## [What to produce]
Pick out every line of the entries below where "IfcOpeningElement" occurs, and copy those lines.
[[ The input, beginning ]]
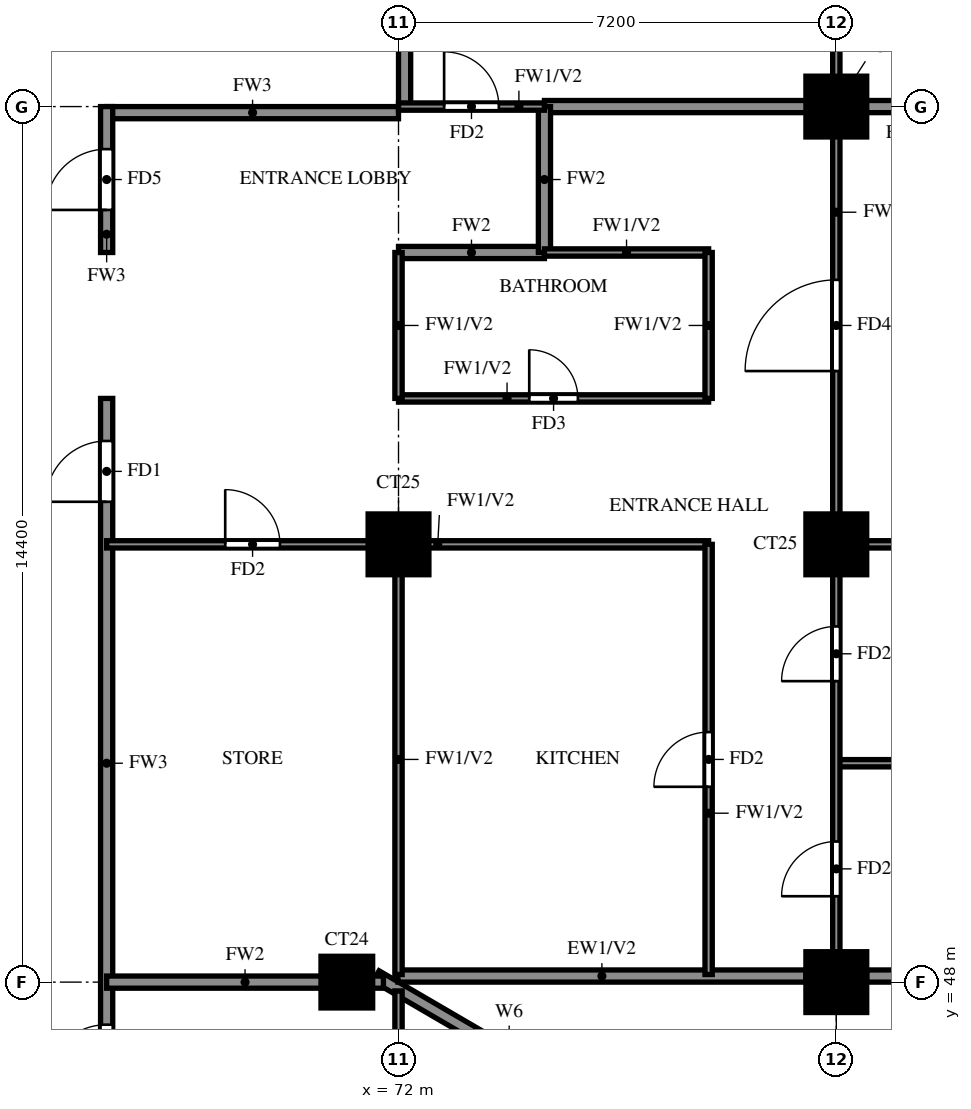
"""IFC4 building model, lengths in metres.
Left out: names, types, materials, properties, quantities, classifications, styles, units other than length and angle.
Written with IfcOpenShell. Run it as: python <this file> out.ifc"""

import sys

from ifc_helpers import new_model, si_unit, direction, frame, frame_2d, origin, origin_2d, place, context, subcontext, project, spatial, rectangle, extrude, source, transform, mapped, element, fill, save


model = new_model("IFC4")
c1 = context("Model", 3, precision=1e-05, world=origin(), true_north=direction((0.0, 1.0)))
c2 = subcontext(c1, "Body", "Model", "MODEL_VIEW")
j1 = project(units=[si_unit("LENGTHUNIT", "METRE"), si_unit("PLANEANGLEUNIT", "RADIAN")], contexts=[c1])
p1 = place(None, origin())
s1 = spatial("IfcSite", under=j1, at=p1, CompositionType="ELEMENT")
p2 = place(p1, origin())
s2 = spatial("IfcBuilding", under=s1, at=p2, CompositionType="ELEMENT")
p3 = place(p2, frame((0.0, 0.0, 153.5)))
s3 = spatial("IfcBuildingStorey", under=s2, at=p3, CompositionType="ELEMENT", Elevation=153.5)
m1 = source(origin(), c2, "Body", "SweptSolid", [
    extrude(rectangle(XDim=0.85, YDim=0.85, at=origin_2d()), origin(), (0.0, 0.0, 1.0), 3.2),
])
p4 = place(p3, frame((71.15, 48.0, 0.0), z_axis=(0.0, 0.0, 1.0), x_axis=(1.0, 0.0, 0.0)))
e1 = element("IfcColumn", 1, at=p4, inside=s3, PredefinedType="COLUMN", context=c2, shape_type="MappedRepresentation", body=[
    mapped(m1, transform((0.0, 0.0, 0.0))),
])
m2 = source(origin(), c2, "Body", "SweptSolid", [
    extrude(rectangle(XDim=1.0, YDim=1.0, at=origin_2d()), origin(), (0.0, 0.0, 1.0), 3.2),
])
for number, where, z_axis, x_axis in (
    (2, (79.2, 48.0, 0.0), (0.0, 0.0, 1.0), (1.0, 0.0, 0.0)),
    (3, (72.0, 55.2, 0.0), (0.0, 0.0, 1.0), (1.0, 0.0, 0.0)),
    (4, (79.2, 55.2, 0.0), (0.0, 0.0, 1.0), (1.0, 0.0, 0.0)),
    (5, (79.2, 62.4, 0.0), (0.0, 0.0, 1.0), (1.0, 0.0, 0.0)),
):
    element("IfcColumn", number, at=place(p3, frame(where, z_axis=z_axis, x_axis=x_axis)), inside=s3, PredefinedType="COLUMN", context=c2, shape_type="MappedRepresentation", body=[
        mapped(m2, transform((0.0, 0.0, 0.0))),
    ])
p5 = place(p3, frame((85.719, 39.881, 0.0), z_axis=(0.0, 0.0, 1.0), x_axis=(-0.86377618652, 0.503875678716, 0.0)))
e6 = element("IfcWall", 6, at=p5, inside=s3, PredefinedType="SOLIDWALL", context=c2, shape_type="SweptSolid", body=[
    extrude(rectangle(XDim=16.311, YDim=0.2, at=frame_2d((8.156, 0.0))), origin(), (0.0, 0.0, 1.0), 3.2),
])
p6 = place(p5, frame((13.326, 0.0, 1.5)))
e7 = element("IfcOpeningElement", 7, at=p6, cuts=e6, PredefinedType="OPENING", context=c2, shape_type="SweptSolid", body=[
    extrude(rectangle(XDim=0.9, YDim=0.9, at=frame_2d((0.45, 0.45))), frame((0.0, 0.11, 0.0), z_axis=(0.0, -1.0, 0.0), x_axis=(1.0, 0.0, 0.0)), (0.0, 0.0, 1.0), 0.22),
])
p7 = place(p3, frame((71.99, 48.1, 0.0), z_axis=(0.0, 0.0, 1.0), x_axis=(1.0, 0.0, 0.0)))
e8 = element("IfcWall", 8, at=p7, inside=s3, PredefinedType="SOLIDWALL", context=c2, shape_type="SweptSolid", body=[
    extrude(rectangle(XDim=6.71, YDim=0.2, at=frame_2d((3.355, 0.0))), origin(), (0.0, 0.0, 1.0), 3.2),
])
p8 = place(p3, frame((79.7, 48.1, 0.0), z_axis=(0.0, 0.0, 1.0), x_axis=(1.0, 0.0, 0.0)))
e9 = element("IfcWall", 9, at=p8, inside=s3, PredefinedType="SOLIDWALL", context=c2, shape_type="SweptSolid", body=[
    extrude(rectangle(XDim=5.675, YDim=0.2, at=frame_2d((2.837, 0.0))), origin(), (0.0, 0.0, 1.0), 3.2),
])
p9 = place(p8, frame((1.637, 0.0, 0.6)))
e10 = element("IfcOpeningElement", 10, at=p9, cuts=e9, PredefinedType="OPENING", context=c2, shape_type="SweptSolid", body=[
    extrude(rectangle(XDim=2.4, YDim=2.4, at=frame_2d((1.2, 1.2))), frame((0.0, 0.11, 0.0), z_axis=(0.0, -1.0, 0.0), x_axis=(1.0, 0.0, 0.0)), (0.0, 0.0, 1.0), 0.22),
])
p10 = place(p3, frame((67.2, 62.3, 0.0), z_axis=(0.0, 0.0, 1.0), x_axis=(1.0, 0.0, 0.0)))
e11 = element("IfcWall", 11, at=p10, inside=s3, PredefinedType="SOLIDWALL", context=c2, shape_type="SweptSolid", body=[
    extrude(rectangle(XDim=4.8, YDim=0.2, at=frame_2d((2.4, 0.0))), origin(), (0.0, 0.0, 1.0), 3.2),
])
p11 = place(p3, frame((67.2, 45.6, 0.0), z_axis=(0.0, 0.0, 1.0), x_axis=(0.0, 1.0, 0.0)))
e12 = element("IfcWall", 12, at=p11, inside=s3, PredefinedType="SOLIDWALL", context=c2, shape_type="SweptSolid", body=[
    extrude(rectangle(XDim=12.0, YDim=0.2, at=frame_2d((6.0, 0.0))), origin(), (0.0, 0.0, 1.0), 3.2),
])
p12 = place(p11, frame((10.3, 0.0, 0.0)))
e13 = element("IfcOpeningElement", 13, at=p12, cuts=e12, PredefinedType="OPENING", context=c2, shape_type="SweptSolid", body=[
    extrude(rectangle(XDim=1.0, YDim=2.1, at=frame_2d((0.5, 1.05))), frame((0.0, 0.11, 0.0), z_axis=(0.0, -1.0, 0.0), x_axis=(1.0, 0.0, 0.0)), (0.0, 0.0, 1.0), 0.22),
])
p13 = place(p11, frame((0.7, 0.0, 0.0)))
e14 = element("IfcOpeningElement", 14, at=p13, cuts=e12, PredefinedType="OPENING", context=c2, shape_type="SweptSolid", body=[
    extrude(rectangle(XDim=1.0, YDim=2.1, at=frame_2d((0.5, 1.05))), frame((0.0, 0.11, 0.0), z_axis=(0.0, -1.0, 0.0), x_axis=(1.0, 0.0, 0.0)), (0.0, 0.0, 1.0), 0.22),
])
p14 = place(p3, frame((67.2, 60.0, 0.0), z_axis=(0.0, 0.0, 1.0), x_axis=(0.0, 1.0, 0.0)))
e15 = element("IfcWall", 15, at=p14, inside=s3, PredefinedType="SOLIDWALL", context=c2, shape_type="SweptSolid", body=[
    extrude(rectangle(XDim=2.4, YDim=0.2, at=frame_2d((1.2, 0.0))), origin(), (0.0, 0.0, 1.0), 3.2),
])
p15 = place(p14, frame((0.7, 0.0, 0.0)))
e16 = element("IfcOpeningElement", 16, at=p15, cuts=e15, PredefinedType="OPENING", context=c2, shape_type="SweptSolid", body=[
    extrude(rectangle(XDim=1.0, YDim=2.1, at=frame_2d((0.5, 1.05))), frame((0.0, 0.11, 0.0), z_axis=(0.0, -1.0, 0.0), x_axis=(1.0, 0.0, 0.0)), (0.0, 0.0, 1.0), 0.22),
])
p16 = place(p3, frame((72.1, 62.4, 0.0), z_axis=(0.0, 0.0, 1.0), x_axis=(0.0, 1.0, 0.0)))
e17 = element("IfcWall", 17, at=p16, inside=s3, PredefinedType="SOLIDWALL", context=c2, shape_type="SweptSolid", body=[
    extrude(rectangle(XDim=15.6, YDim=0.2, at=frame_2d((7.8, 0.0))), origin(), (0.0, 0.0, 1.0), 3.2),
])
p17 = place(p3, frame((67.2, 48.0, 0.0), z_axis=(0.0, 0.0, 1.0), x_axis=(1.0, 0.0, 0.0)))
e18 = element("IfcWall", 18, at=p17, inside=s3, PredefinedType="SOLIDWALL", context=c2, shape_type="SweptSolid", body=[
    extrude(rectangle(XDim=4.552, YDim=0.2, at=frame_2d((2.276, 0.0))), origin(), (0.0, 0.0, 1.0), 3.2),
])
p18 = place(p3, frame((72.0, 60.0, 0.0), z_axis=(0.0, 0.0, 1.0), x_axis=(1.0, 0.0, 0.0)))
e19 = element("IfcWall", 19, at=p18, inside=s3, PredefinedType="SOLIDWALL", context=c2, shape_type="SweptSolid", body=[
    extrude(rectangle(XDim=2.4, YDim=0.2, at=frame_2d((1.2, 0.0))), origin(), (0.0, 0.0, 1.0), 3.2),
])
p19 = place(p3, frame((74.4, 62.4, 0.0), z_axis=(0.0, 0.0, 1.0), x_axis=(1.0, 0.0, 0.0)))
e20 = element("IfcWall", 20, at=p19, inside=s3, PredefinedType="SOLIDWALL", context=c2, shape_type="SweptSolid", body=[
    extrude(rectangle(XDim=11.875, YDim=0.2, at=frame_2d((5.938, 0.0))), origin(), (0.0, 0.0, 1.0), 3.2),
])
p20 = place(p3, frame((74.4, 60.0, 0.0), z_axis=(0.0, 0.0, 1.0), x_axis=(0.0, 1.0, 0.0)))
e21 = element("IfcWall", 21, at=p20, inside=s3, PredefinedType="SOLIDWALL", context=c2, shape_type="SweptSolid", body=[
    extrude(rectangle(XDim=2.4, YDim=0.2, at=frame_2d((1.2, 0.0))), origin(), (0.0, 0.0, 1.0), 3.2),
])
p21 = place(p3, frame((79.2, 51.6, 0.0), z_axis=(0.0, 0.0, 1.0), x_axis=(1.0, 0.0, 0.0)))
e22 = element("IfcWall", 22, at=p21, inside=s3, PredefinedType="PARTITIONING", context=c2, shape_type="SweptSolid", body=[
    extrude(rectangle(XDim=7.075, YDim=0.12, at=frame_2d((3.538, 0.0))), origin(), (0.0, 0.0, 1.0), 2.3),
])
p22 = place(p3, frame((67.2, 55.2, 0.0), z_axis=(0.0, 0.0, 1.0), x_axis=(1.0, 0.0, 0.0)))
e23 = element("IfcWall", 23, at=p22, inside=s3, PredefinedType="PARTITIONING", context=c2, shape_type="SweptSolid", body=[
    extrude(rectangle(XDim=9.9, YDim=0.12, at=frame_2d((4.95, 0.0))), origin(), (0.0, 0.0, 1.0), 3.2),
])
p23 = place(p22, frame((1.95, 0.0, 0.0)))
e24 = element("IfcOpeningElement", 24, at=p23, cuts=e23, PredefinedType="OPENING", context=c2, shape_type="SweptSolid", body=[
    extrude(rectangle(XDim=0.9, YDim=2.1, at=frame_2d((0.45, 1.05))), frame((0.0, 0.07, 0.0), z_axis=(0.0, -1.0, 0.0), x_axis=(1.0, 0.0, 0.0)), (0.0, 0.0, 1.0), 0.14),
])
p24 = place(p3, frame((79.2, 55.2, 0.0), z_axis=(0.0, 0.0, 1.0), x_axis=(1.0, 0.0, 0.0)))
e25 = element("IfcWall", 25, at=p24, inside=s3, PredefinedType="PARTITIONING", context=c2, shape_type="SweptSolid", body=[
    extrude(rectangle(XDim=7.075, YDim=0.12, at=frame_2d((3.538, 0.0))), origin(), (0.0, 0.0, 1.0), 3.2),
])
p25 = place(p3, frame((72.0, 57.6, 0.0), z_axis=(0.0, 0.0, 1.0), x_axis=(1.0, 0.0, 0.0)))
e26 = element("IfcWall", 26, at=p25, inside=s3, PredefinedType="PARTITIONING", context=c2, shape_type="SweptSolid", body=[
    extrude(rectangle(XDim=5.1, YDim=0.12, at=frame_2d((2.55, 0.0))), origin(), (0.0, 0.0, 1.0), 3.2),
])
p26 = place(p25, frame((2.15, 0.0, 0.0)))
e27 = element("IfcOpeningElement", 27, at=p26, cuts=e26, PredefinedType="OPENING", context=c2, shape_type="SweptSolid", body=[
    extrude(rectangle(XDim=0.8, YDim=2.1, at=frame_2d((0.4, 1.05))), frame((0.0, 0.07, 0.0), z_axis=(0.0, -1.0, 0.0), x_axis=(1.0, 0.0, 0.0)), (0.0, 0.0, 1.0), 0.14),
])
p27 = place(p3, frame((74.4, 60.0, 0.0), z_axis=(0.0, 0.0, 1.0), x_axis=(1.0, 0.0, 0.0)))
e28 = element("IfcWall", 28, at=p27, inside=s3, PredefinedType="PARTITIONING", context=c2, shape_type="SweptSolid", body=[
    extrude(rectangle(XDim=2.7, YDim=0.12, at=frame_2d((1.35, 0.0))), origin(), (0.0, 0.0, 1.0), 3.2),
])
p28 = place(p3, frame((72.0, 62.4, 0.0), z_axis=(0.0, 0.0, 1.0), x_axis=(1.0, 0.0, 0.0)))
e29 = element("IfcWall", 29, at=p28, inside=s3, PredefinedType="PARTITIONING", context=c2, shape_type="SweptSolid", body=[
    extrude(rectangle(XDim=2.4, YDim=0.12, at=frame_2d((1.2, 0.0))), origin(), (0.0, 0.0, 1.0), 3.2),
])
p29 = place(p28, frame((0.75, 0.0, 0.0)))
[[ The input, end ]]
## [Reply to the exercise]
e7 = element("IfcOpeningElement", 7, at=p6, cuts=e6, PredefinedType="OPENING", context=c2, shape_type="SweptSolid", body=[
e10 = element("IfcOpeningElement", 10, at=p9, cuts=e9, PredefinedType="OPENING", context=c2, shape_type="SweptSolid", body=[
e13 = element("IfcOpeningElement", 13, at=p12, cuts=e12, PredefinedType="OPENING", context=c2, shape_type="SweptSolid", body=[
e14 = element("IfcOpeningElement", 14, at=p13, cuts=e12, PredefinedType="OPENING", context=c2, shape_type="SweptSolid", body=[
e16 = element("IfcOpeningElement", 16, at=p15, cuts=e15, PredefinedType="OPENING", context=c2, shape_type="SweptSolid", body=[
e24 = element("IfcOpeningElement", 24, at=p23, cuts=e23, PredefinedType="OPENING", context=c2, shape_type="SweptSolid", body=[
e27 = element("IfcOpeningElement", 27, at=p26, cuts=e26, PredefinedType="OPENING", context=c2, shape_type="SweptSolid", body=[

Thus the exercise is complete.